--- Task inputs ---

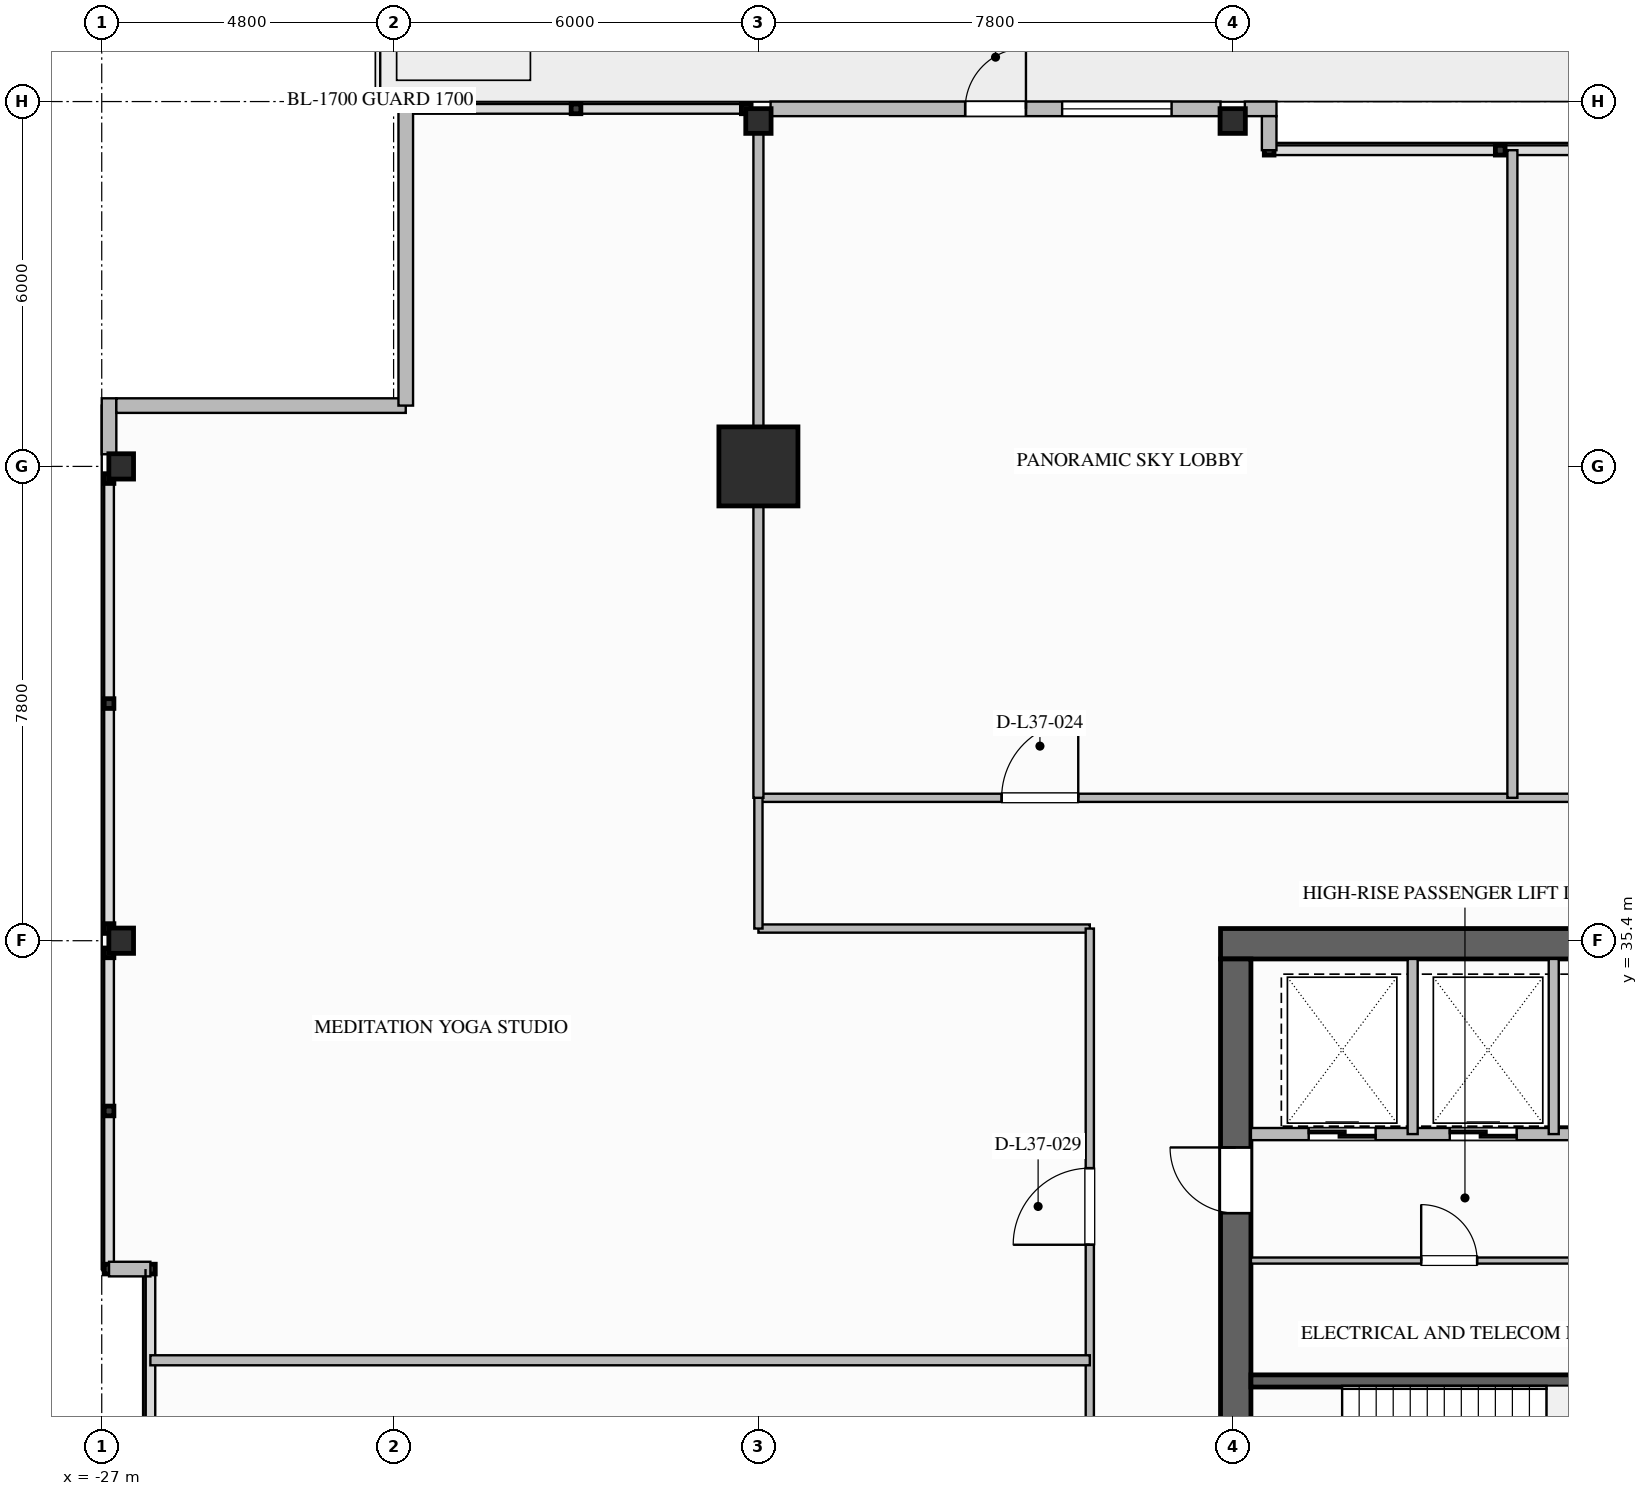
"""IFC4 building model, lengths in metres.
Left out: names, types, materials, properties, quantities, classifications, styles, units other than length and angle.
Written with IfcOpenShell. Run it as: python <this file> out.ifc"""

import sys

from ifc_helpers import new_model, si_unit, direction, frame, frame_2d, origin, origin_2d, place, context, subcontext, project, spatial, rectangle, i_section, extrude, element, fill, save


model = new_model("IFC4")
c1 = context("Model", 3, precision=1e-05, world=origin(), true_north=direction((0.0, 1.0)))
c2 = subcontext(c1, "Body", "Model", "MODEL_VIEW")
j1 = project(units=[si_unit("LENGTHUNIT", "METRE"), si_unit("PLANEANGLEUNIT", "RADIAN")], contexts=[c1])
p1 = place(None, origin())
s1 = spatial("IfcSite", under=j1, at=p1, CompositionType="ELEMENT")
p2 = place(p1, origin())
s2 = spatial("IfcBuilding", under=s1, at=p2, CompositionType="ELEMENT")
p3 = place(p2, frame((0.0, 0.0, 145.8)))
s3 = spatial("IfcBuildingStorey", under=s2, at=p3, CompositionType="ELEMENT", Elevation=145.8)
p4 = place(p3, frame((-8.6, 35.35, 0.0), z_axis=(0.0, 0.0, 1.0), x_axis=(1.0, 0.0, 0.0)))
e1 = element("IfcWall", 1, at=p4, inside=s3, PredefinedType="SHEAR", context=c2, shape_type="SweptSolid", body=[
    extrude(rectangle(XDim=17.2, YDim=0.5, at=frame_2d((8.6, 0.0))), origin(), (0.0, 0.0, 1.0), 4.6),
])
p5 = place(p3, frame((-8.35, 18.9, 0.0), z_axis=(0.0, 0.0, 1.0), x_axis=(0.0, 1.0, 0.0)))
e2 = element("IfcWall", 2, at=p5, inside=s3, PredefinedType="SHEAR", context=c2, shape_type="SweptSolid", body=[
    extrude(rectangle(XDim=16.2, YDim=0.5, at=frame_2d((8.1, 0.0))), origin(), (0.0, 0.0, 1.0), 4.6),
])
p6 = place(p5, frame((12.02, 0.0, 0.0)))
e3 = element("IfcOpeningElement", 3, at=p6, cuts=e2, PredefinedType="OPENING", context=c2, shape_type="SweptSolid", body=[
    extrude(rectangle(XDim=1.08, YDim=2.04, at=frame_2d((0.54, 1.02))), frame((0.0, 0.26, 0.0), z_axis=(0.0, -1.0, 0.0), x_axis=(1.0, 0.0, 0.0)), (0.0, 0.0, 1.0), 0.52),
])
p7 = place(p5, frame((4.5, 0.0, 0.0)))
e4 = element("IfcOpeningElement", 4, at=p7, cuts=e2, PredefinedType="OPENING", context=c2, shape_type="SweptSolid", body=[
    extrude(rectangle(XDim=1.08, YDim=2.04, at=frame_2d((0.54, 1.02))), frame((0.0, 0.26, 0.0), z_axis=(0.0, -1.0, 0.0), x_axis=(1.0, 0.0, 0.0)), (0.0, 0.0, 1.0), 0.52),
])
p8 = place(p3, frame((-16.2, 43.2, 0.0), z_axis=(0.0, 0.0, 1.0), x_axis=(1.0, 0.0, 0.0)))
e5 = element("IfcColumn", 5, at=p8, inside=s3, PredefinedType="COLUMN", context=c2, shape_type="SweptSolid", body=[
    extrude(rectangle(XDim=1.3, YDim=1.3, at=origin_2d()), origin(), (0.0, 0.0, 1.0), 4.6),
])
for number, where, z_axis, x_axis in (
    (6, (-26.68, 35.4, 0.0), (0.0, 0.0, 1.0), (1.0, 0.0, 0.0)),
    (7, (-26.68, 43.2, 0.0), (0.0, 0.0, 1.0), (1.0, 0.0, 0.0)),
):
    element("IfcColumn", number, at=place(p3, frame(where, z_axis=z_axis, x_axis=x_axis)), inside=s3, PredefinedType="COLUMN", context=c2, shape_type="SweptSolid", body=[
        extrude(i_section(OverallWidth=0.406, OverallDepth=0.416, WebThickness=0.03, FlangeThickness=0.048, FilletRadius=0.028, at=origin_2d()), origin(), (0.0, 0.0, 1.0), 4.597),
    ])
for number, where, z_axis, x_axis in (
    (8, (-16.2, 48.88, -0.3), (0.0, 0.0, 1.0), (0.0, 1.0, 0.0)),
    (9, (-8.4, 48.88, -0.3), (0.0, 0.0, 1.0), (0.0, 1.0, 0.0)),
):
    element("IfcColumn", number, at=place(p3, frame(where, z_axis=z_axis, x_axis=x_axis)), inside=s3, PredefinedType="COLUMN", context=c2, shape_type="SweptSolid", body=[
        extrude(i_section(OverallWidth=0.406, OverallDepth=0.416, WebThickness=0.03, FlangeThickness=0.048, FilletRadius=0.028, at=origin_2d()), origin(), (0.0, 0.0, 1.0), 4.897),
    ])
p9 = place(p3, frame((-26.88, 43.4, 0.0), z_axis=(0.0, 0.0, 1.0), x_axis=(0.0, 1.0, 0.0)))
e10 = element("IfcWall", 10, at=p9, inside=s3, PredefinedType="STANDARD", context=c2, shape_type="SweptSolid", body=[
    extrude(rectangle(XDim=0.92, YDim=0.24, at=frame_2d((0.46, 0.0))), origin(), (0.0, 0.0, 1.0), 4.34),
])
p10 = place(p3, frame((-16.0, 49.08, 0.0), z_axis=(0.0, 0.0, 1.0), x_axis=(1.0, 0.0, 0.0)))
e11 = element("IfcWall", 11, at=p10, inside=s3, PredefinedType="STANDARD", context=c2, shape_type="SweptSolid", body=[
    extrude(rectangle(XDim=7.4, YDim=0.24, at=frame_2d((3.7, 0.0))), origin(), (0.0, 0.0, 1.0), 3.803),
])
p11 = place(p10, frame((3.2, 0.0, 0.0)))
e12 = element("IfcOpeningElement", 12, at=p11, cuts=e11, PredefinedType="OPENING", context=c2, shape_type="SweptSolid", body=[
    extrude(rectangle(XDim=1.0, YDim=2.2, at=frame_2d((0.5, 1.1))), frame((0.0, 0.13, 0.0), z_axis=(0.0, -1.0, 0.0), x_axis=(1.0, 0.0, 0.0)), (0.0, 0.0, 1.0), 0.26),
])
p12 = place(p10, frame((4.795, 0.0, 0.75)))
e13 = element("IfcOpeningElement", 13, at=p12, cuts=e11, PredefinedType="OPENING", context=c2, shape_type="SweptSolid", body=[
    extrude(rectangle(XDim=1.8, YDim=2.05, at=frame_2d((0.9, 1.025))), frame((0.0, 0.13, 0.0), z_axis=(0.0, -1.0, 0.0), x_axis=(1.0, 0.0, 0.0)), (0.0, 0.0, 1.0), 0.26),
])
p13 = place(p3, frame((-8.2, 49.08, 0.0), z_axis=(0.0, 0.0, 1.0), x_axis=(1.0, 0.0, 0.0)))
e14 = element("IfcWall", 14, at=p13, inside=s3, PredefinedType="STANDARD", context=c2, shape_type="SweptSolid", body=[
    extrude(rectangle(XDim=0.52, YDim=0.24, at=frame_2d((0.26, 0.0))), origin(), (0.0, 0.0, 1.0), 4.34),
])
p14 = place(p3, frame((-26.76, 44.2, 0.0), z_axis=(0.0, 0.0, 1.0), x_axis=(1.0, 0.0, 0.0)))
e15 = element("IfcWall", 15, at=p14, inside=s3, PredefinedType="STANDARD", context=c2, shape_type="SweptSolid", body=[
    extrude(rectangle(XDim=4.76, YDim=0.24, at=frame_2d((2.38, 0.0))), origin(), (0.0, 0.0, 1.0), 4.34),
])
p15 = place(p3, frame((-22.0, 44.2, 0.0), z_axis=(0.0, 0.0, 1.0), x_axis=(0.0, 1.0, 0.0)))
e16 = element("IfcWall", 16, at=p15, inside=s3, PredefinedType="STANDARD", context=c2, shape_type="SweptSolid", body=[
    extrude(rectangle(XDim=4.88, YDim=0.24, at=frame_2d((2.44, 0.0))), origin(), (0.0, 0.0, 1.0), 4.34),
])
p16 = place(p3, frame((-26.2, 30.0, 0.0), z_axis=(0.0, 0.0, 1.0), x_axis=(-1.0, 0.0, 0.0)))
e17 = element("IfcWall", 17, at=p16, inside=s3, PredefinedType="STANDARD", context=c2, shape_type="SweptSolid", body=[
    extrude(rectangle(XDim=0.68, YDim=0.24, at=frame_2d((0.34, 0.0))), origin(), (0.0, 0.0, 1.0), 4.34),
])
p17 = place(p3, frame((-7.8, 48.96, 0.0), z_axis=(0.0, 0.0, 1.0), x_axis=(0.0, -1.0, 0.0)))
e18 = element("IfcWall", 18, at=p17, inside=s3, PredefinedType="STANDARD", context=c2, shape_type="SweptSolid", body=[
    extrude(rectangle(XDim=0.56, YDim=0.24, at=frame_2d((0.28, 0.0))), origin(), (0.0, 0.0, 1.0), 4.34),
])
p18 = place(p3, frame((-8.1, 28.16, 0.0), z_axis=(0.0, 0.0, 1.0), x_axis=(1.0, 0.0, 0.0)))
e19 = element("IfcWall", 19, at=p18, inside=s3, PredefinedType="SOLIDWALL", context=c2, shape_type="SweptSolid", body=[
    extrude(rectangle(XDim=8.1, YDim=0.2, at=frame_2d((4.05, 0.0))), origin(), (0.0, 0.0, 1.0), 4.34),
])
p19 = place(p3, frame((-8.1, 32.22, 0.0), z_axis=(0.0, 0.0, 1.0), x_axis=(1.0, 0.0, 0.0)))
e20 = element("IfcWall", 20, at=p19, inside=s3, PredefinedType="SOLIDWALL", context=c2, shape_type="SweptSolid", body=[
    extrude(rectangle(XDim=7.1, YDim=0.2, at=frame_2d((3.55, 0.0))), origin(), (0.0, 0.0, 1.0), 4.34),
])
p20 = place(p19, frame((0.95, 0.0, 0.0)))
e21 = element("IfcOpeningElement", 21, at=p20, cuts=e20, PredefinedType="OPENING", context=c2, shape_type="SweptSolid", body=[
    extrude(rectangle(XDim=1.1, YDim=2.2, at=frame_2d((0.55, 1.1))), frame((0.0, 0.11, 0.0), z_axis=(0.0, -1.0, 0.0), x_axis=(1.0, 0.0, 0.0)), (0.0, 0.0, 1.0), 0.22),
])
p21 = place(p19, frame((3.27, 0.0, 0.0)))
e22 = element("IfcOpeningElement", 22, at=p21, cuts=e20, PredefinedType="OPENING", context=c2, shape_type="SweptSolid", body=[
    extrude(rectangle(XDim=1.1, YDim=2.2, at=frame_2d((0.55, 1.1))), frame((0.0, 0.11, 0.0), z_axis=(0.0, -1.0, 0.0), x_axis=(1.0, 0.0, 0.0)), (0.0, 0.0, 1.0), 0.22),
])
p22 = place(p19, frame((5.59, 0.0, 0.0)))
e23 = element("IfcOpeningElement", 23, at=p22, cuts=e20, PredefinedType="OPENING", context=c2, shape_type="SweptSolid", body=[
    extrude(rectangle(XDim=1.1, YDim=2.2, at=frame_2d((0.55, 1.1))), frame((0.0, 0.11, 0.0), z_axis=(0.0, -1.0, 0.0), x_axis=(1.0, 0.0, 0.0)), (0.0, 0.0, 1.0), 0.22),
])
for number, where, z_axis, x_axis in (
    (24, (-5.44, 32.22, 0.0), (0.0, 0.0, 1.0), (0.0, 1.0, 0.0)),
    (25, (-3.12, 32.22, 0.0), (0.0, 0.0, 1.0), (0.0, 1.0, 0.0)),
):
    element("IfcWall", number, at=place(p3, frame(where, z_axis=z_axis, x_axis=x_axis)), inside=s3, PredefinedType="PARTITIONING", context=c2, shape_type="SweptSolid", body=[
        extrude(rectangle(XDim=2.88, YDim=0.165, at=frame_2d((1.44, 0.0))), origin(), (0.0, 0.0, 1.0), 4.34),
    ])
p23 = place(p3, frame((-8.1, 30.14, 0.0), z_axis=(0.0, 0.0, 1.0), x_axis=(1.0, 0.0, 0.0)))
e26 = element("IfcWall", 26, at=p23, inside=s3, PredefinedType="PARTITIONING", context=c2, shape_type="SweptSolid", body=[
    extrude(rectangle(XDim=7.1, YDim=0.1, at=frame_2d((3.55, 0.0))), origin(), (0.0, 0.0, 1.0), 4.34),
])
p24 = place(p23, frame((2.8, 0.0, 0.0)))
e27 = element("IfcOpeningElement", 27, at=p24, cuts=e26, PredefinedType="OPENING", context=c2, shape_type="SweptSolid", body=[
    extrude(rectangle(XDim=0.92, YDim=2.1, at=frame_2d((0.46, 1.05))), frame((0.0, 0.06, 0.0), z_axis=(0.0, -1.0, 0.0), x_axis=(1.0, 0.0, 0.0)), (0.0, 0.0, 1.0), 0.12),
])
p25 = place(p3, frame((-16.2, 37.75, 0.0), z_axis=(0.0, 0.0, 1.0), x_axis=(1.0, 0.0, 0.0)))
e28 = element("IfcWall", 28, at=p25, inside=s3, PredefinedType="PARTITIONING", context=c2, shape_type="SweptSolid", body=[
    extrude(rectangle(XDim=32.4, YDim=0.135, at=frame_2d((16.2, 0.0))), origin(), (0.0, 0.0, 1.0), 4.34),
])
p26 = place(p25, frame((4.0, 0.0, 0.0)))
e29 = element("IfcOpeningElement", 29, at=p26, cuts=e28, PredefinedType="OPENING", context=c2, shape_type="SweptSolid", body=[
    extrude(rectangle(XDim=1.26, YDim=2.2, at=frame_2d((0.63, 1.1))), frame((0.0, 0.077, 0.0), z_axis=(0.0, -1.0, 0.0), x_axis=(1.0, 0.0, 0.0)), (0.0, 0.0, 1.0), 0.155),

---

■ **What to work on**
Give the number of lines in the entries that include the string "project", and nothing else.

■ **Reply**
2